Aim of the exercise ::
Counting only lines below that contain the string "OPENING", give the total as a single number.

######

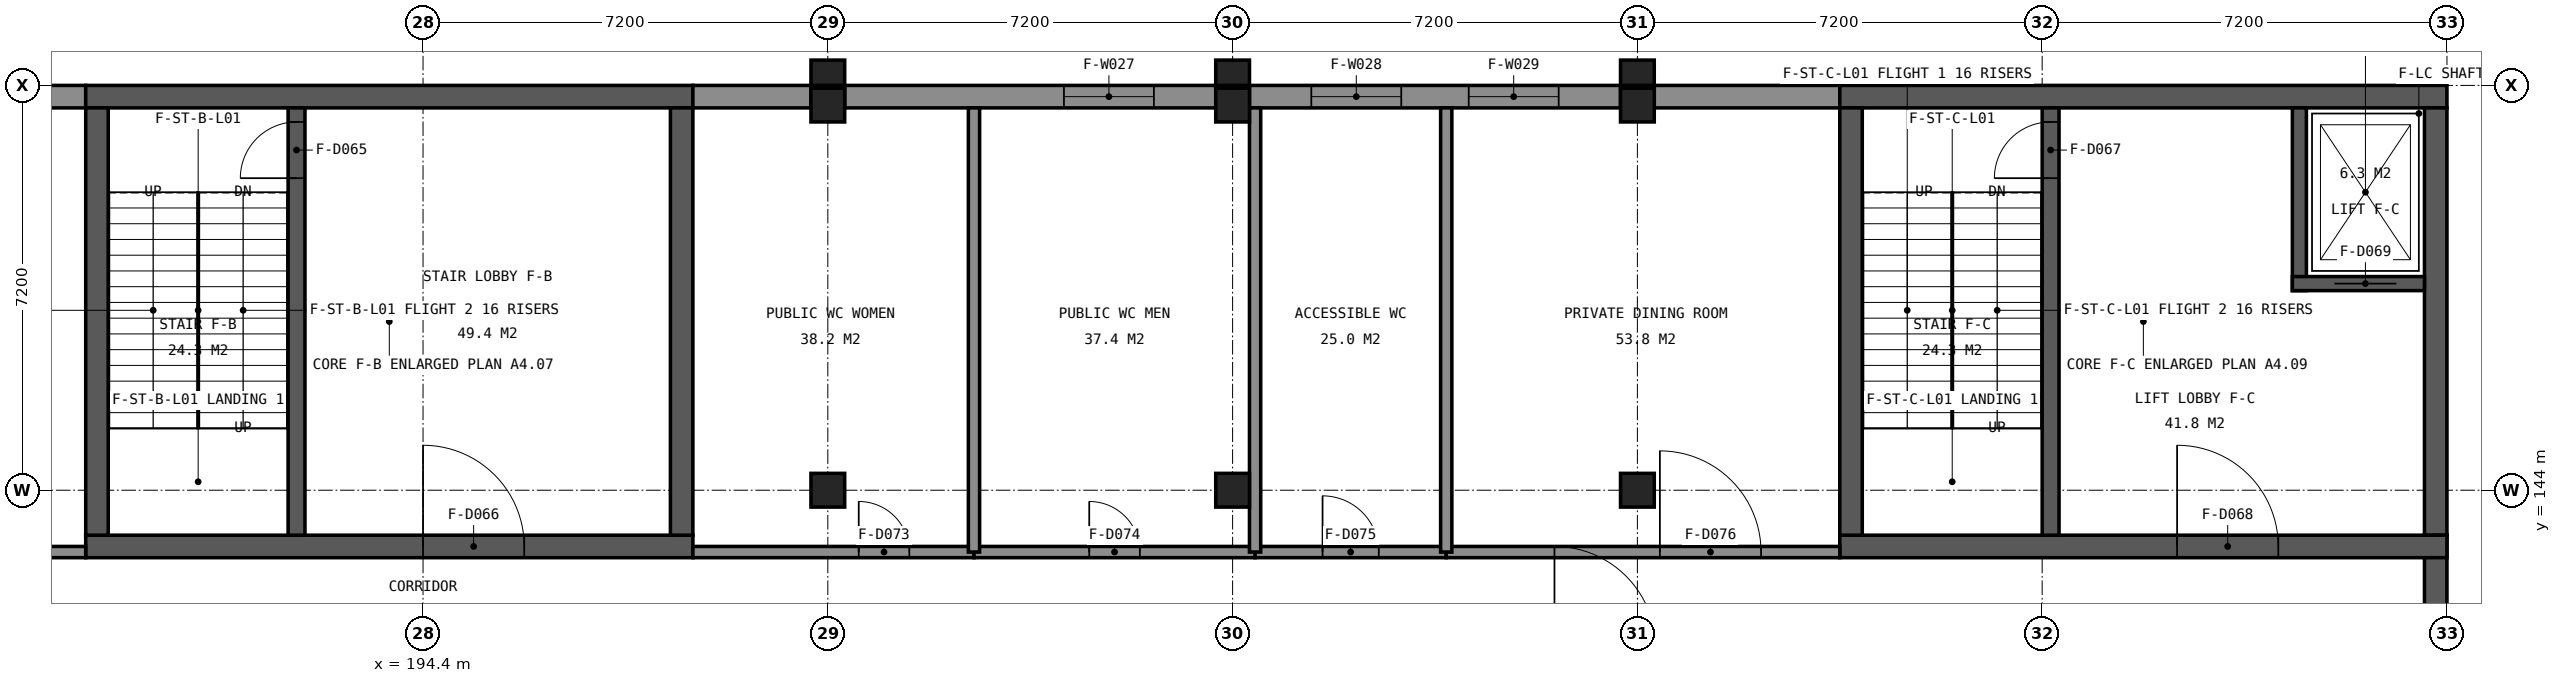
"""IFC4 building model, lengths in metres.
Left out: names, types, materials, properties, quantities, classifications, styles, units other than length and angle.
Written with IfcOpenShell. Run it as: python <this file> out.ifc"""

import sys

from ifc_helpers import new_model, si_unit, direction, frame, frame_2d, origin, origin_2d, place, context, subcontext, project, spatial, rectangle, extrude, element, fill, save


model = new_model("IFC4")
c1 = context("Model", 3, precision=1e-05, world=origin(), true_north=direction((0.0, 1.0)))
c2 = subcontext(c1, "Body", "Model", "MODEL_VIEW")
j1 = project(units=[si_unit("LENGTHUNIT", "METRE"), si_unit("PLANEANGLEUNIT", "RADIAN")], contexts=[c1])
p1 = place(None, origin())
s1 = spatial("IfcSite", under=j1, at=p1, CompositionType="ELEMENT")
p2 = place(p1, origin())
s2 = spatial("IfcBuilding", under=s1, at=p2, CompositionType="ELEMENT")
p3 = place(p2, frame((0.0, 0.0, 9.6)))
s3 = spatial("IfcBuildingStorey", under=s2, at=p3, CompositionType="ELEMENT", Elevation=9.6)
for number, where, z_axis, x_axis in (
    (1, (201.6, 144.0, 0.0), (0.0, 0.0, 1.0), (1.0, 0.0, 0.0)),
    (2, (208.8, 144.0, 0.0), (0.0, 0.0, 1.0), (1.0, 0.0, 0.0)),
    (3, (216.0, 144.0, 0.0), (0.0, 0.0, 1.0), (1.0, 0.0, 0.0)),
    (4, (201.6, 150.85, 0.0), (0.0, 0.0, 1.0), (1.0, 0.0, 0.0)),
    (5, (208.8, 150.85, 0.0), (0.0, 0.0, 1.0), (1.0, 0.0, 0.0)),
    (6, (216.0, 150.85, 0.0), (0.0, 0.0, 1.0), (1.0, 0.0, 0.0)),
):
    element("IfcColumn", number, at=place(p3, frame(where, z_axis=z_axis, x_axis=x_axis)), inside=s3, PredefinedType="COLUMN", context=c2, shape_type="SweptSolid", body=[
        extrude(rectangle(XDim=0.6, YDim=0.6, at=origin_2d()), origin(), (0.0, 0.0, 1.0), 4.8),
    ])
p4 = place(p3, frame((187.5, 151.0, 0.0), z_axis=(0.0, 0.0, 1.0), x_axis=(1.0, 0.0, 0.0)))
e7 = element("IfcWall", 7, at=p4, inside=s3, PredefinedType="SOLIDWALL", context=c2, shape_type="SweptSolid", body=[
    extrude(rectangle(XDim=0.9, YDim=0.4, at=frame_2d((0.45, 0.0))), origin(), (0.0, 0.0, 1.0), 3.95),
])
p5 = place(p3, frame((188.4, 151.0, 0.0), z_axis=(0.0, 0.0, 1.0), x_axis=(1.0, 0.0, 0.0)))
e8 = element("IfcWall", 8, at=p5, inside=s3, PredefinedType="SHEAR", context=c2, shape_type="SweptSolid", body=[
    extrude(rectangle(XDim=10.8, YDim=0.4, at=frame_2d((5.4, 0.0))), origin(), (0.0, 0.0, 1.0), 4.55),
])
p6 = place(p3, frame((199.2, 151.0, 0.0), z_axis=(0.0, 0.0, 1.0), x_axis=(1.0, 0.0, 0.0)))
e9 = element("IfcWall", 9, at=p6, inside=s3, PredefinedType="SOLIDWALL", context=c2, shape_type="SweptSolid", body=[
    extrude(rectangle(XDim=2.1, YDim=0.4, at=frame_2d((1.05, 0.0))), origin(), (0.0, 0.0, 1.0), 3.95),
])
p7 = place(p3, frame((201.9, 151.0, 0.0), z_axis=(0.0, 0.0, 1.0), x_axis=(1.0, 0.0, 0.0)))
e10 = element("IfcWall", 10, at=p7, inside=s3, PredefinedType="SOLIDWALL", context=c2, shape_type="SweptSolid", body=[
    extrude(rectangle(XDim=6.6, YDim=0.4, at=frame_2d((3.3, 0.0))), origin(), (0.0, 0.0, 1.0), 3.95),
])
p8 = place(p7, frame((3.9, 0.0, 0.8)))
e11 = element("IfcOpeningElement", 11, at=p8, cuts=e10, PredefinedType="OPENING", context=c2, shape_type="SweptSolid", body=[
    extrude(rectangle(XDim=1.6, YDim=3.1, at=frame_2d((0.8, 1.55))), frame((0.0, 0.21, 0.0), z_axis=(0.0, -1.0, 0.0), x_axis=(1.0, 0.0, 0.0)), (0.0, 0.0, 1.0), 0.42),
])
p9 = place(p3, frame((209.1, 151.0, 0.0), z_axis=(0.0, 0.0, 1.0), x_axis=(1.0, 0.0, 0.0)))
e12 = element("IfcWall", 12, at=p9, inside=s3, PredefinedType="SOLIDWALL", context=c2, shape_type="SweptSolid", body=[
    extrude(rectangle(XDim=6.6, YDim=0.4, at=frame_2d((3.3, 0.0))), origin(), (0.0, 0.0, 1.0), 3.95),
])
p10 = place(p9, frame((1.1, 0.0, 0.8)))
e13 = element("IfcOpeningElement", 13, at=p10, cuts=e12, PredefinedType="OPENING", context=c2, shape_type="SweptSolid", body=[
    extrude(rectangle(XDim=1.6, YDim=3.1, at=frame_2d((0.8, 1.55))), frame((0.0, 0.21, 0.0), z_axis=(0.0, -1.0, 0.0), x_axis=(1.0, 0.0, 0.0)), (0.0, 0.0, 1.0), 0.42),
])
p11 = place(p9, frame((3.9, 0.0, 0.8)))
e14 = element("IfcOpeningElement", 14, at=p11, cuts=e12, PredefinedType="OPENING", context=c2, shape_type="SweptSolid", body=[
    extrude(rectangle(XDim=1.6, YDim=3.1, at=frame_2d((0.8, 1.55))), frame((0.0, 0.21, 0.0), z_axis=(0.0, -1.0, 0.0), x_axis=(1.0, 0.0, 0.0)), (0.0, 0.0, 1.0), 0.42),
])
p12 = place(p3, frame((216.3, 151.0, 0.0), z_axis=(0.0, 0.0, 1.0), x_axis=(1.0, 0.0, 0.0)))
e15 = element("IfcWall", 15, at=p12, inside=s3, PredefinedType="SOLIDWALL", context=c2, shape_type="SweptSolid", body=[
    extrude(rectangle(XDim=3.3, YDim=0.4, at=frame_2d((1.65, 0.0))), origin(), (0.0, 0.0, 1.0), 3.95),
])
p13 = place(p3, frame((219.6, 151.0, 0.0), z_axis=(0.0, 0.0, 1.0), x_axis=(1.0, 0.0, 0.0)))
e16 = element("IfcWall", 16, at=p13, inside=s3, PredefinedType="SHEAR", context=c2, shape_type="SweptSolid", body=[
    extrude(rectangle(XDim=10.8, YDim=0.4, at=frame_2d((5.4, 0.0))), origin(), (0.0, 0.0, 1.0), 4.55),
])
p14 = place(p3, frame((230.2, 143.2, 0.0), z_axis=(0.0, 0.0, 1.0), x_axis=(0.0, -1.0, 0.0)))
e17 = element("IfcWall", 17, at=p14, inside=s3, PredefinedType="SHEAR", context=c2, shape_type="SweptSolid", body=[
    extrude(rectangle(XDim=6.1, YDim=0.4, at=frame_2d((3.05, 0.0))), origin(), (0.0, 0.0, 1.0), 3.95),
])
p15 = place(p14, frame((3.65, 0.0, 0.8)))
e18 = element("IfcOpeningElement", 18, at=p15, cuts=e17, PredefinedType="OPENING", context=c2, shape_type="SweptSolid", body=[
    extrude(rectangle(XDim=1.6, YDim=3.1, at=frame_2d((0.8, 1.55))), frame((0.0, 0.21, 0.0), z_axis=(0.0, -1.0, 0.0), x_axis=(1.0, 0.0, 0.0)), (0.0, 0.0, 1.0), 0.42),
])
p16 = place(p3, frame((230.2, 150.8, 0.0), z_axis=(0.0, 0.0, 1.0), x_axis=(0.0, -1.0, 0.0)))
e19 = element("IfcWall", 19, at=p16, inside=s3, PredefinedType="SHEAR", context=c2, shape_type="SweptSolid", body=[
    extrude(rectangle(XDim=7.6, YDim=0.4, at=frame_2d((3.8, 0.0))), origin(), (0.0, 0.0, 1.0), 4.55),
])
p17 = place(p3, frame((188.4, 143.0, 0.0), z_axis=(0.0, 0.0, 1.0), x_axis=(1.0, 0.0, 0.0)))
e20 = element("IfcWall", 20, at=p17, inside=s3, PredefinedType="SHEAR", context=c2, shape_type="SweptSolid", body=[
    extrude(rectangle(XDim=10.8, YDim=0.4, at=frame_2d((5.4, 0.0))), origin(), (0.0, 0.0, 1.0), 4.55),
])
p18 = place(p17, frame((6.0, 0.0, 0.0)))
e21 = element("IfcOpeningElement", 21, at=p18, cuts=e20, PredefinedType="OPENING", context=c2, shape_type="SweptSolid", body=[
    extrude(rectangle(XDim=1.8, YDim=2.1, at=frame_2d((0.9, 1.05))), frame((0.0, 0.21, 0.0), z_axis=(0.0, -1.0, 0.0), x_axis=(1.0, 0.0, 0.0)), (0.0, 0.0, 1.0), 0.42),
])
for number, where, z_axis, x_axis in (
    (22, (188.6, 143.2, 0.0), (0.0, 0.0, 1.0), (0.0, 1.0, 0.0)),
    (23, (199.0, 143.2, 0.0), (0.0, 0.0, 1.0), (0.0, 1.0, 0.0)),
):
    element("IfcWall", number, at=place(p3, frame(where, z_axis=z_axis, x_axis=x_axis)), inside=s3, PredefinedType="SHEAR", context=c2, shape_type="SweptSolid", body=[
        extrude(rectangle(XDim=7.6, YDim=0.4, at=frame_2d((3.8, 0.0))), origin(), (0.0, 0.0, 1.0), 4.55),
    ])
p19 = place(p3, frame((192.15, 143.2, 0.0), z_axis=(0.0, 0.0, 1.0), x_axis=(0.0, 1.0, 0.0)))
e24 = element("IfcWall", 24, at=p19, inside=s3, PredefinedType="SHEAR", context=c2, shape_type="SweptSolid", body=[
    extrude(rectangle(XDim=7.6, YDim=0.3, at=frame_2d((3.8, 0.0))), origin(), (0.0, 0.0, 1.0), 4.55),
])
p20 = place(p19, frame((6.35, 0.0, 0.0)))
e25 = element("IfcOpeningElement", 25, at=p20, cuts=e24, PredefinedType="OPENING", context=c2, shape_type="SweptSolid", body=[
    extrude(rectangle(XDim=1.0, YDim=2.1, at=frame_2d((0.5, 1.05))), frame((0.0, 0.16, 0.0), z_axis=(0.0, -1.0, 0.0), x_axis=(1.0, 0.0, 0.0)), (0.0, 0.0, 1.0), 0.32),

######

Task answer ::
6